Task instructions: What is needed is an exact copy of the records below, with the pictures left out.

Source information:
━━━━━━━━
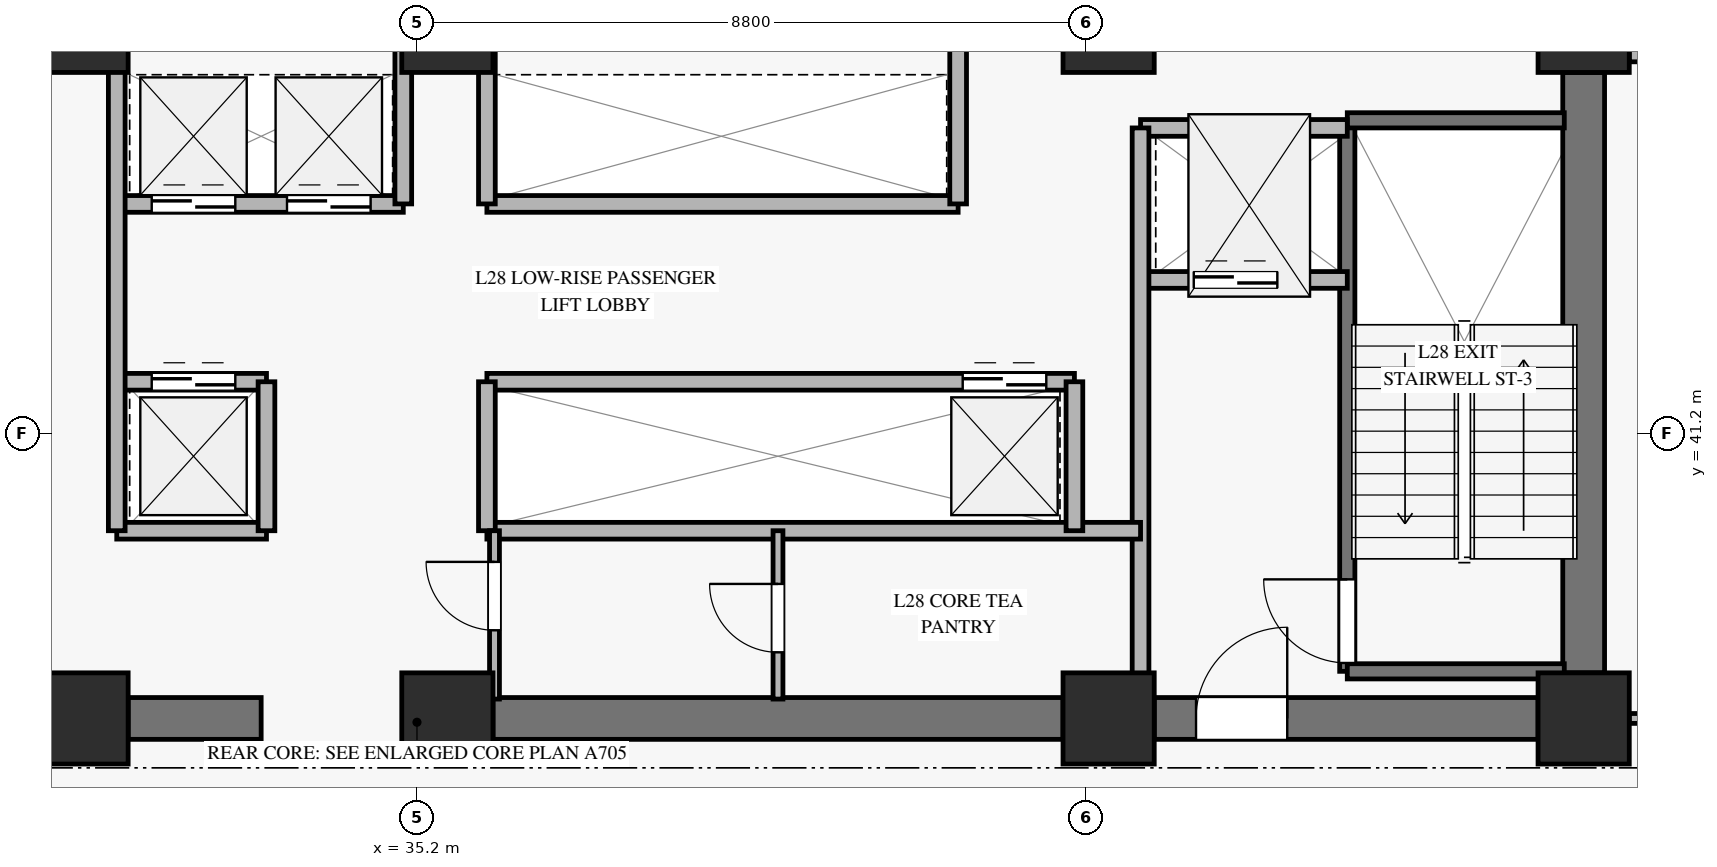
"""IFC4 building model, lengths in metres.
Left out: names, types, materials, properties, quantities, classifications, styles, units other than length and angle.
Written with IfcOpenShell. Run it as: python <this file> out.ifc"""

import sys

from ifc_helpers import new_model, si_unit, direction, frame, frame_2d, origin, origin_2d, place, context, subcontext, project, spatial, rectangle, extrude, source, transform, mapped, element, fill, save


model = new_model("IFC4")
c1 = context("Model", 3, precision=1e-05, world=origin(), true_north=direction((0.0, 1.0)))
c2 = subcontext(c1, "Body", "Model", "MODEL_VIEW")
j1 = project(units=[si_unit("LENGTHUNIT", "METRE"), si_unit("PLANEANGLEUNIT", "RADIAN")], contexts=[c1])
p1 = place(None, origin())
s1 = spatial("IfcSite", under=j1, at=p1, CompositionType="ELEMENT")
p2 = place(p1, origin())
s2 = spatial("IfcBuilding", under=s1, at=p2, CompositionType="ELEMENT")
p3 = place(p2, frame((0.0, 0.0, 115.3)))
s3 = spatial("IfcBuildingStorey", under=s2, at=p3, CompositionType="ELEMENT", Elevation=115.3)
m1 = source(origin(), c2, "Body", "SweptSolid", [
    extrude(rectangle(XDim=1.2, YDim=1.2, at=origin_2d()), origin(), (0.0, 0.0, 1.0), 3.68),
])
for number, where, z_axis, x_axis in (
    (1, (30.8, 37.45, 0.0), (0.0, 0.0, 1.0), (1.0, 0.0, 0.0)),
    (2, (30.8, 46.55, 0.0), (0.0, 0.0, 1.0), (1.0, 0.0, 0.0)),
    (3, (35.6, 37.45, 0.0), (0.0, 0.0, 1.0), (1.0, 0.0, 0.0)),
    (4, (35.6, 46.55, 0.0), (0.0, 0.0, 1.0), (1.0, 0.0, 0.0)),
    (5, (44.3, 37.45, 0.0), (0.0, 0.0, 1.0), (1.0, 0.0, 0.0)),
    (6, (44.3, 46.55, 0.0), (0.0, 0.0, 1.0), (1.0, 0.0, 0.0)),
    (7, (50.55, 37.45, 0.0), (0.0, 0.0, 1.0), (1.0, 0.0, 0.0)),
    (8, (50.55, 46.55, 0.0), (0.0, 0.0, 1.0), (1.0, 0.0, 0.0)),
):
    element("IfcColumn", number, at=place(p3, frame(where, z_axis=z_axis, x_axis=x_axis)), inside=s3, PredefinedType="PILASTER", context=c2, shape_type="MappedRepresentation", body=[
        mapped(m1, transform((0.0, 0.0, 0.0), x_axis=(1.0, 0.0, 0.0), y_axis=(0.0, 1.0, 0.0), z_axis=(0.0, 0.0, 1.0), scale=1.0)),
    ])
p4 = place(p3, frame((31.4, 37.45, 0.0), z_axis=(0.0, 0.0, 1.0), x_axis=(1.0, 0.0, 0.0)))
e9 = element("IfcWall", 9, at=p4, inside=s3, PredefinedType="SHEAR", context=c2, shape_type="SweptSolid", body=[
    extrude(rectangle(XDim=1.75, YDim=0.55, at=frame_2d((0.875, 0.0))), origin(), (0.0, 0.0, 1.0), 3.68),
])
p5 = place(p3, frame((36.2, 37.45, 0.0), z_axis=(0.0, 0.0, 1.0), x_axis=(1.0, 0.0, 0.0)))
e10 = element("IfcWall", 10, at=p5, inside=s3, PredefinedType="SHEAR", context=c2, shape_type="SweptSolid", body=[
    extrude(rectangle(XDim=7.5, YDim=0.55, at=frame_2d((3.75, 0.0))), origin(), (0.0, 0.0, 1.0), 3.68),
])
p6 = place(p3, frame((44.9, 37.45, 0.0), z_axis=(0.0, 0.0, 1.0), x_axis=(1.0, 0.0, 0.0)))
e11 = element("IfcWall", 11, at=p6, inside=s3, PredefinedType="SHEAR", context=c2, shape_type="SweptSolid", body=[
    extrude(rectangle(XDim=5.05, YDim=0.55, at=frame_2d((2.525, 0.0))), origin(), (0.0, 0.0, 1.0), 3.68),
])
p7 = place(p6, frame((0.55, 0.0, 0.0)))
e12 = element("IfcOpeningElement", 12, at=p7, cuts=e11, PredefinedType="OPENING", context=c2, shape_type="SweptSolid", body=[
    extrude(rectangle(XDim=1.2, YDim=2.15, at=frame_2d((0.6, 1.075))), frame((0.0, 0.285, 0.0), z_axis=(0.0, -1.0, 0.0), x_axis=(1.0, 0.0, 0.0)), (0.0, 0.0, 1.0), 0.57),
])
p8 = place(p3, frame((50.55, 38.05, 0.0), z_axis=(0.0, 0.0, 1.0), x_axis=(0.0, 1.0, 0.0)))
e13 = element("IfcWall", 13, at=p8, inside=s3, PredefinedType="SHEAR", context=c2, shape_type="SweptSolid", body=[
    extrude(rectangle(XDim=7.9, YDim=0.55, at=frame_2d((3.95, 0.0))), origin(), (0.0, 0.0, 1.0), 3.68),
])
p9 = place(p3, frame((51.15, 46.25, 0.0), z_axis=(0.0, 0.0, 1.0), x_axis=(1.0, 0.0, 0.0)))
e14 = element("IfcWall", 14, at=p9, inside=s3, PredefinedType="SOLIDWALL", context=c2, shape_type="SweptSolid", body=[
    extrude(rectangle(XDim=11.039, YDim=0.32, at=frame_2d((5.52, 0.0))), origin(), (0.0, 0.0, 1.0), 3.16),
━━━━━━━━
Answer section:
"""IFC4 building model, lengths in metres.
Left out: names, types, materials, properties, quantities, classifications, styles, units other than length and angle.
Written with IfcOpenShell. Run it as: python <this file> out.ifc"""

import sys

from ifc_helpers import new_model, si_unit, direction, frame, frame_2d, origin, origin_2d, place, context, subcontext, project, spatial, rectangle, extrude, source, transform, mapped, element, fill, save


model = new_model("IFC4")
c1 = context("Model", 3, precision=1e-05, world=origin(), true_north=direction((0.0, 1.0)))
c2 = subcontext(c1, "Body", "Model", "MODEL_VIEW")
j1 = project(units=[si_unit("LENGTHUNIT", "METRE"), si_unit("PLANEANGLEUNIT", "RADIAN")], contexts=[c1])
p1 = place(None, origin())
s1 = spatial("IfcSite", under=j1, at=p1, CompositionType="ELEMENT")
p2 = place(p1, origin())
s2 = spatial("IfcBuilding", under=s1, at=p2, CompositionType="ELEMENT")
p3 = place(p2, frame((0.0, 0.0, 115.3)))
s3 = spatial("IfcBuildingStorey", under=s2, at=p3, CompositionType="ELEMENT", Elevation=115.3)
m1 = source(origin(), c2, "Body", "SweptSolid", [
    extrude(rectangle(XDim=1.2, YDim=1.2, at=origin_2d()), origin(), (0.0, 0.0, 1.0), 3.68),
])
for number, where, z_axis, x_axis in (
    (1, (30.8, 37.45, 0.0), (0.0, 0.0, 1.0), (1.0, 0.0, 0.0)),
    (2, (30.8, 46.55, 0.0), (0.0, 0.0, 1.0), (1.0, 0.0, 0.0)),
    (3, (35.6, 37.45, 0.0), (0.0, 0.0, 1.0), (1.0, 0.0, 0.0)),
    (4, (35.6, 46.55, 0.0), (0.0, 0.0, 1.0), (1.0, 0.0, 0.0)),
    (5, (44.3, 37.45, 0.0), (0.0, 0.0, 1.0), (1.0, 0.0, 0.0)),
    (6, (44.3, 46.55, 0.0), (0.0, 0.0, 1.0), (1.0, 0.0, 0.0)),
    (7, (50.55, 37.45, 0.0), (0.0, 0.0, 1.0), (1.0, 0.0, 0.0)),
    (8, (50.55, 46.55, 0.0), (0.0, 0.0, 1.0), (1.0, 0.0, 0.0)),
):
    element("IfcColumn", number, at=place(p3, frame(where, z_axis=z_axis, x_axis=x_axis)), inside=s3, PredefinedType="PILASTER", context=c2, shape_type="MappedRepresentation", body=[
        mapped(m1, transform((0.0, 0.0, 0.0), x_axis=(1.0, 0.0, 0.0), y_axis=(0.0, 1.0, 0.0), z_axis=(0.0, 0.0, 1.0), scale=1.0)),
    ])
p4 = place(p3, frame((31.4, 37.45, 0.0), z_axis=(0.0, 0.0, 1.0), x_axis=(1.0, 0.0, 0.0)))
e9 = element("IfcWall", 9, at=p4, inside=s3, PredefinedType="SHEAR", context=c2, shape_type="SweptSolid", body=[
    extrude(rectangle(XDim=1.75, YDim=0.55, at=frame_2d((0.875, 0.0))), origin(), (0.0, 0.0, 1.0), 3.68),
])
p5 = place(p3, frame((36.2, 37.45, 0.0), z_axis=(0.0, 0.0, 1.0), x_axis=(1.0, 0.0, 0.0)))
e10 = element("IfcWall", 10, at=p5, inside=s3, PredefinedType="SHEAR", context=c2, shape_type="SweptSolid", body=[
    extrude(rectangle(XDim=7.5, YDim=0.55, at=frame_2d((3.75, 0.0))), origin(), (0.0, 0.0, 1.0), 3.68),
])
p6 = place(p3, frame((44.9, 37.45, 0.0), z_axis=(0.0, 0.0, 1.0), x_axis=(1.0, 0.0, 0.0)))
e11 = element("IfcWall", 11, at=p6, inside=s3, PredefinedType="SHEAR", context=c2, shape_type="SweptSolid", body=[
    extrude(rectangle(XDim=5.05, YDim=0.55, at=frame_2d((2.525, 0.0))), origin(), (0.0, 0.0, 1.0), 3.68),
])
p7 = place(p6, frame((0.55, 0.0, 0.0)))
e12 = element("IfcOpeningElement", 12, at=p7, cuts=e11, PredefinedType="OPENING", context=c2, shape_type="SweptSolid", body=[
    extrude(rectangle(XDim=1.2, YDim=2.15, at=frame_2d((0.6, 1.075))), frame((0.0, 0.285, 0.0), z_axis=(0.0, -1.0, 0.0), x_axis=(1.0, 0.0, 0.0)), (0.0, 0.0, 1.0), 0.57),
])
p8 = place(p3, frame((50.55, 38.05, 0.0), z_axis=(0.0, 0.0, 1.0), x_axis=(0.0, 1.0, 0.0)))
e13 = element("IfcWall", 13, at=p8, inside=s3, PredefinedType="SHEAR", context=c2, shape_type="SweptSolid", body=[
    extrude(rectangle(XDim=7.9, YDim=0.55, at=frame_2d((3.95, 0.0))), origin(), (0.0, 0.0, 1.0), 3.68),
])
p9 = place(p3, frame((51.15, 46.25, 0.0), z_axis=(0.0, 0.0, 1.0), x_axis=(1.0, 0.0, 0.0)))
e14 = element("IfcWall", 14, at=p9, inside=s3, PredefinedType="SOLIDWALL", context=c2, shape_type="SweptSolid", body=[
    extrude(rectangle(XDim=11.039, YDim=0.32, at=frame_2d((5.52, 0.0))), origin(), (0.0, 0.0, 1.0), 3.16),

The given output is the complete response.